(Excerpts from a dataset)
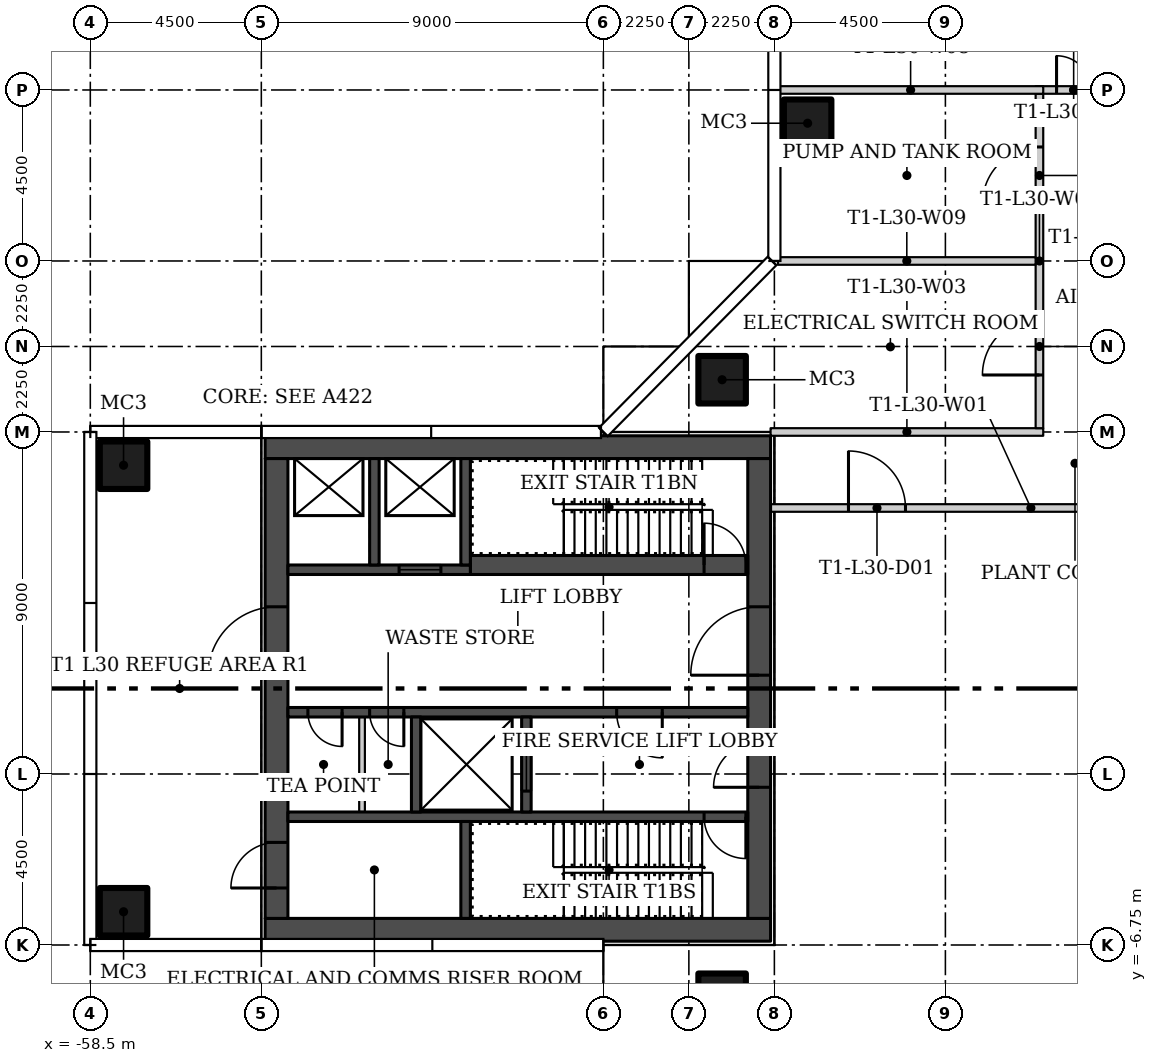
"""IFC4 building model, lengths in metres.
Left out: names, types, materials, properties, quantities, classifications, styles, units other than length and angle.
Written with IfcOpenShell. Run it as: python <this file> out.ifc"""

import sys

from ifc_helpers import new_model, si_unit, direction, frame, frame_2d, origin, origin_2d, place, context, subcontext, project, spatial, rectangle, hollow_rectangle, extrude, element, fill, save


model = new_model("IFC4")
c1 = context("Model", 3, precision=1e-05, world=origin(), true_north=direction((0.0, 1.0)))
c2 = subcontext(c1, "Body", "Model", "MODEL_VIEW")
j1 = project(units=[si_unit("LENGTHUNIT", "METRE"), si_unit("PLANEANGLEUNIT", "RADIAN")], contexts=[c1])
p1 = place(None, origin())
s1 = spatial("IfcSite", under=j1, at=p1, CompositionType="ELEMENT")
p2 = place(p1, origin())
s2 = spatial("IfcBuilding", under=s1, at=p2, CompositionType="ELEMENT")
p3 = place(p2, frame((0.0, 0.0, 128.7)))
s3 = spatial("IfcBuildingStorey", under=s2, at=p3, CompositionType="ELEMENT", Elevation=128.7)
for number, where in (
    (1, (-41.875, 8.125, 0.0)),
    (2, (-41.875, -8.125, 0.0)),
    (3, (-57.625, -5.875, 0.0)),
    (4, (-57.625, 5.875, 0.0)),
    (5, (-39.625, 14.875, 0.0)),
):
    element("IfcColumn", number, at=place(p3, frame(where)), inside=s3, PredefinedType="COLUMN", context=c2, shape_type="SweptSolid", body=[
        extrude(hollow_rectangle(XDim=1.25, YDim=1.25, WallThickness=0.05, at=origin_2d()), origin(), (0.0, 0.0, 1.0), 4.4),
    ])
p4 = place(p3, frame((-40.6, 4.75, 0.0)))
e6 = element("IfcWall", 6, at=p4, inside=s3, PredefinedType="PARTITIONING", context=c2, shape_type="SweptSolid", body=[
    extrude(rectangle(XDim=13.7, YDim=0.2, at=frame_2d((6.85, 0.0))), origin(), (0.0, 0.0, 1.0), 4.4),
])
p5 = place(p4, frame((2.05, 0.0, 0.0)))
e7 = element("IfcOpeningElement", 7, at=p5, cuts=e6, PredefinedType="OPENING", context=c2, shape_type="SweptSolid", body=[
    extrude(rectangle(XDim=1.5, YDim=2.4, at=frame_2d((0.75, 1.2))), frame((0.0, 0.11, 0.0), z_axis=(0.0, -1.0, 0.0), x_axis=(1.0, 0.0, 0.0)), (0.0, 0.0, 1.0), 0.22),
])
p6 = place(p4, frame((10.15, 0.0, 0.0)))
e8 = element("IfcOpeningElement", 8, at=p6, cuts=e6, PredefinedType="OPENING", context=c2, shape_type="SweptSolid", body=[
    extrude(rectangle(XDim=1.5, YDim=2.4, at=frame_2d((0.75, 1.2))), frame((0.0, 0.11, 0.0), z_axis=(0.0, -1.0, 0.0), x_axis=(1.0, 0.0, 0.0)), (0.0, 0.0, 1.0), 0.22),
])
p7 = place(p3, frame((-40.6, 6.75, 0.0)))
e9 = element("IfcWall", 9, at=p7, inside=s3, PredefinedType="PARTITIONING", context=c2, shape_type="SweptSolid", body=[
    extrude(rectangle(XDim=7.175, YDim=0.2, at=frame_2d((3.587, 0.0))), origin(), (0.0, 0.0, 1.0), 4.4),
])
p8 = place(p3, frame((-33.525, 6.85, 0.0), z_axis=(0.0, 0.0, 1.0), x_axis=(0.0, 1.0, 0.0)))
e10 = element("IfcWall", 10, at=p8, inside=s3, PredefinedType="PARTITIONING", context=c2, shape_type="SweptSolid", body=[
    extrude(rectangle(XDim=8.8, YDim=0.2, at=frame_2d((4.4, 0.0))), origin(), (0.0, 0.0, 1.0), 4.4),
])
p9 = place(p8, frame((1.4, 0.0, 0.0)))
e11 = element("IfcOpeningElement", 11, at=p9, cuts=e10, PredefinedType="OPENING", context=c2, shape_type="SweptSolid", body=[
    extrude(rectangle(XDim=1.5, YDim=2.4, at=frame_2d((0.75, 1.2))), frame((0.0, 0.11, 0.0), z_axis=(0.0, -1.0, 0.0), x_axis=(1.0, 0.0, 0.0)), (0.0, 0.0, 1.0), 0.22),
])
p10 = place(p8, frame((5.9, 0.0, 0.0)))
e12 = element("IfcOpeningElement", 12, at=p10, cuts=e10, PredefinedType="OPENING", context=c2, shape_type="SweptSolid", body=[
    extrude(rectangle(XDim=1.5, YDim=2.4, at=frame_2d((0.75, 1.2))), frame((0.0, 0.11, 0.0), z_axis=(0.0, -1.0, 0.0), x_axis=(1.0, 0.0, 0.0)), (0.0, 0.0, 1.0), 0.22),
])
p11 = place(p3, frame((-33.625, 15.75, 0.0)))
e13 = element("IfcWall", 13, at=p11, inside=s3, PredefinedType="PARTITIONING", context=c2, shape_type="SweptSolid", body=[
    extrude(rectangle(XDim=2.001, YDim=0.2, at=frame_2d((1.0, 0.0))), origin(), (0.0, 0.0, 1.0), 4.4),
])
p12 = place(p11, frame((0.55, 0.0, 0.0)))
e14 = element("IfcOpeningElement", 14, at=p12, cuts=e13, PredefinedType="OPENING", context=c2, shape_type="SweptSolid", body=[
    extrude(rectangle(XDim=0.9, YDim=2.4, at=frame_2d((0.45, 1.2))), frame((0.0, 0.11, 0.0), z_axis=(0.0, -1.0, 0.0), x_axis=(1.0, 0.0, 0.0)), (0.0, 0.0, 1.0), 0.22),
])
p13 = place(p3, frame((-33.425, 15.75, 0.0), z_axis=(0.0, 0.0, 1.0), x_axis=(-1.0, 0.0, 0.0)))
e15 = element("IfcWall", 15, at=p13, inside=s3, PredefinedType="PARTITIONING", context=c2, shape_type="SweptSolid", body=[
    extrude(rectangle(XDim=6.98, YDim=0.2, at=frame_2d((3.49, 0.0))), origin(), (0.0, 0.0, 1.0), 4.4),
])
p14 = place(p3, frame((-33.625, 11.25, 0.0), z_axis=(0.0, 0.0, 1.0), x_axis=(-1.0, 0.0, 0.0)))
e16 = element("IfcWall", 16, at=p14, inside=s3, PredefinedType="PARTITIONING", context=c2, shape_type="SweptSolid", body=[
    extrude(rectangle(XDim=6.78, YDim=0.2, at=frame_2d((3.39, 0.0))), origin(), (0.0, 0.0, 1.0), 4.4),
])
for number, where, z_axis, x_axis in (
    (17, (-40.6, -6.35, 0.0), (0.0, 0.0, 1.0), (-1.0, 0.0, 0.0)),
    (18, (-40.6, 6.35, 0.0), (0.0, 0.0, 1.0), (-1.0, 0.0, 0.0)),
):
    element("IfcWall", number, at=place(p3, frame(where, z_axis=z_axis, x_axis=x_axis)), inside=s3, PredefinedType="SHEAR", context=c2, shape_type="SweptSolid", body=[
        extrude(rectangle(XDim=13.3, YDim=0.6, at=frame_2d((6.65, 0.0))), origin(), (0.0, 0.0, 1.0), 4.4),
    ])
p15 = place(p3, frame((-40.9, -6.05, 0.0), z_axis=(0.0, 0.0, 1.0), x_axis=(0.0, 1.0, 0.0)))
e19 = element("IfcWall", 19, at=p15, inside=s3, PredefinedType="SHEAR", context=c2, shape_type="SweptSolid", body=[
    extrude(rectangle(XDim=12.1, YDim=0.6, at=frame_2d((6.05, 0.0))), origin(), (0.0, 0.0, 1.0), 4.4),
])
p16 = place(p15, frame((3.45, 0.0, 0.0)))
e20 = element("IfcOpeningElement", 20, at=p16, cuts=e19, PredefinedType="OPENING", context=c2, shape_type="SweptSolid", body=[
    extrude(rectangle(XDim=1.2, YDim=2.1, at=frame_2d((0.6, 1.05))), frame((0.0, 0.31, 0.0), z_axis=(0.0, -1.0, 0.0), x_axis=(1.0, 0.0, 0.0)), (0.0, 0.0, 1.0), 0.62),
])
p17 = place(p15, frame((6.4, 0.0, 0.0)))
e21 = element("IfcOpeningElement", 21, at=p17, cuts=e19, PredefinedType="OPENING", context=c2, shape_type="SweptSolid", body=[
    extrude(rectangle(XDim=1.8, YDim=2.4, at=frame_2d((0.9, 1.2))), frame((0.0, 0.31, 0.0), z_axis=(0.0, -1.0, 0.0), x_axis=(1.0, 0.0, 0.0)), (0.0, 0.0, 1.0), 0.62),
])
p18 = place(p3, frame((-53.6, -6.05, 0.0), z_axis=(0.0, 0.0, 1.0), x_axis=(0.0, 1.0, 0.0)))
e22 = element("IfcWall", 22, at=p18, inside=s3, PredefinedType="SHEAR", context=c2, shape_type="SweptSolid", body=[
    extrude(rectangle(XDim=12.1, YDim=0.6, at=frame_2d((6.05, 0.0))), origin(), (0.0, 0.0, 1.0), 4.4),
])
p19 = place(p18, frame((0.8, 0.0, 0.0)))
e23 = element("IfcOpeningElement", 23, at=p19, cuts=e22, PredefinedType="OPENING", context=c2, shape_type="SweptSolid", body=[
    extrude(rectangle(XDim=1.2, YDim=2.1, at=frame_2d((0.6, 1.05))), frame((0.0, 0.31, 0.0), z_axis=(0.0, -1.0, 0.0), x_axis=(1.0, 0.0, 0.0)), (0.0, 0.0, 1.0), 0.62),
])
p20 = place(p18, frame((6.4, 0.0, 0.0)))
e24 = element("IfcOpeningElement", 24, at=p20, cuts=e22, PredefinedType="OPENING", context=c2, shape_type="SweptSolid", body=[
    extrude(rectangle(XDim=1.8, YDim=2.4, at=frame_2d((0.9, 1.2))), frame((0.0, 0.31, 0.0), z_axis=(0.0, -1.0, 0.0), x_axis=(1.0, 0.0, 0.0)), (0.0, 0.0, 1.0), 0.62),
])
p21 = place(p3, frame((-41.2, -3.375, 0.0), z_axis=(0.0, 0.0, 1.0), x_axis=(-1.0, 0.0, 0.0)))
e25 = element("IfcWall", 25, at=p21, inside=s3, PredefinedType="SHEAR", context=c2, shape_type="SweptSolid", body=[
    extrude(rectangle(XDim=12.1, YDim=0.25, at=frame_2d((6.05, 0.0))), origin(), (0.0, 0.0, 1.0), 4.4),
])
p22 = place(p21, frame((0.05, 0.0, 0.0)))
e26 = element("IfcOpeningElement", 26, at=p22, cuts=e25, PredefinedType="OPENING", context=c2, shape_type="SweptSolid", body=[
    extrude(rectangle(XDim=1.1, YDim=2.1, at=frame_2d((0.55, 1.05))), frame((0.0, 0.135, 0.0), z_axis=(0.0, -1.0, 0.0), x_axis=(1.0, 0.0, 0.0)), (0.0, 0.0, 1.0), 0.27),
])
p23 = place(p3, frame((-48.625, -6.05, 0.0), z_axis=(0.0, 0.0, 1.0), x_axis=(0.0, 1.0, 0.0)))
e27 = element("IfcWall", 27, at=p23, inside=s3, PredefinedType="SHEAR", context=c2, shape_type="SweptSolid", body=[
    extrude(rectangle(XDim=2.55, YDim=0.25, at=frame_2d((1.275, 0.0))), origin(), (0.0, 0.0, 1.0), 4.4),
])
p24 = place(p3, frame((-41.2, -0.625, 0.0), z_axis=(0.0, 0.0, 1.0), x_axis=(-1.0, 0.0, 0.0)))
e28 = element("IfcWall", 28, at=p24, inside=s3, PredefinedType="SHEAR", context=c2, shape_type="SweptSolid", body=[
    extrude(rectangle(XDim=12.1, YDim=0.25, at=frame_2d((6.05, 0.0))), origin(), (0.0, 0.0, 1.0), 4.4),
])
p25 = place(p24, frame((2.25, 0.0, 0.0)))
e29 = element("IfcOpeningElement", 29, at=p25, cuts=e28, PredefinedType="OPENING", context=c2, shape_type="SweptSolid", body=[
    extrude(rectangle(XDim=1.2, YDim=2.1, at=frame_2d((0.6, 1.05))), frame((0.0, 0.135, 0.0), z_axis=(0.0, -1.0, 0.0), x_axis=(1.0, 0.0, 0.0)), (0.0, 0.0, 1.0), 0.27),
])
p26 = place(p24, frame((9.05, 0.0, 0.0)))
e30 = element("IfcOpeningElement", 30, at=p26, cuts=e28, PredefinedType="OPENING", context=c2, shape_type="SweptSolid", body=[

_TASK DESCRIPTION_
Scan the data, and report each line that uses the word "subcontext".

_REPLY TO THE TASK_
from ifc_helpers import new_model, si_unit, direction, frame, frame_2d, origin, origin_2d, place, context, subcontext, project, spatial, rectangle, hollow_rectangle, extrude, element, fill, save
c2 = subcontext(c1, "Body", "Model", "MODEL_VIEW")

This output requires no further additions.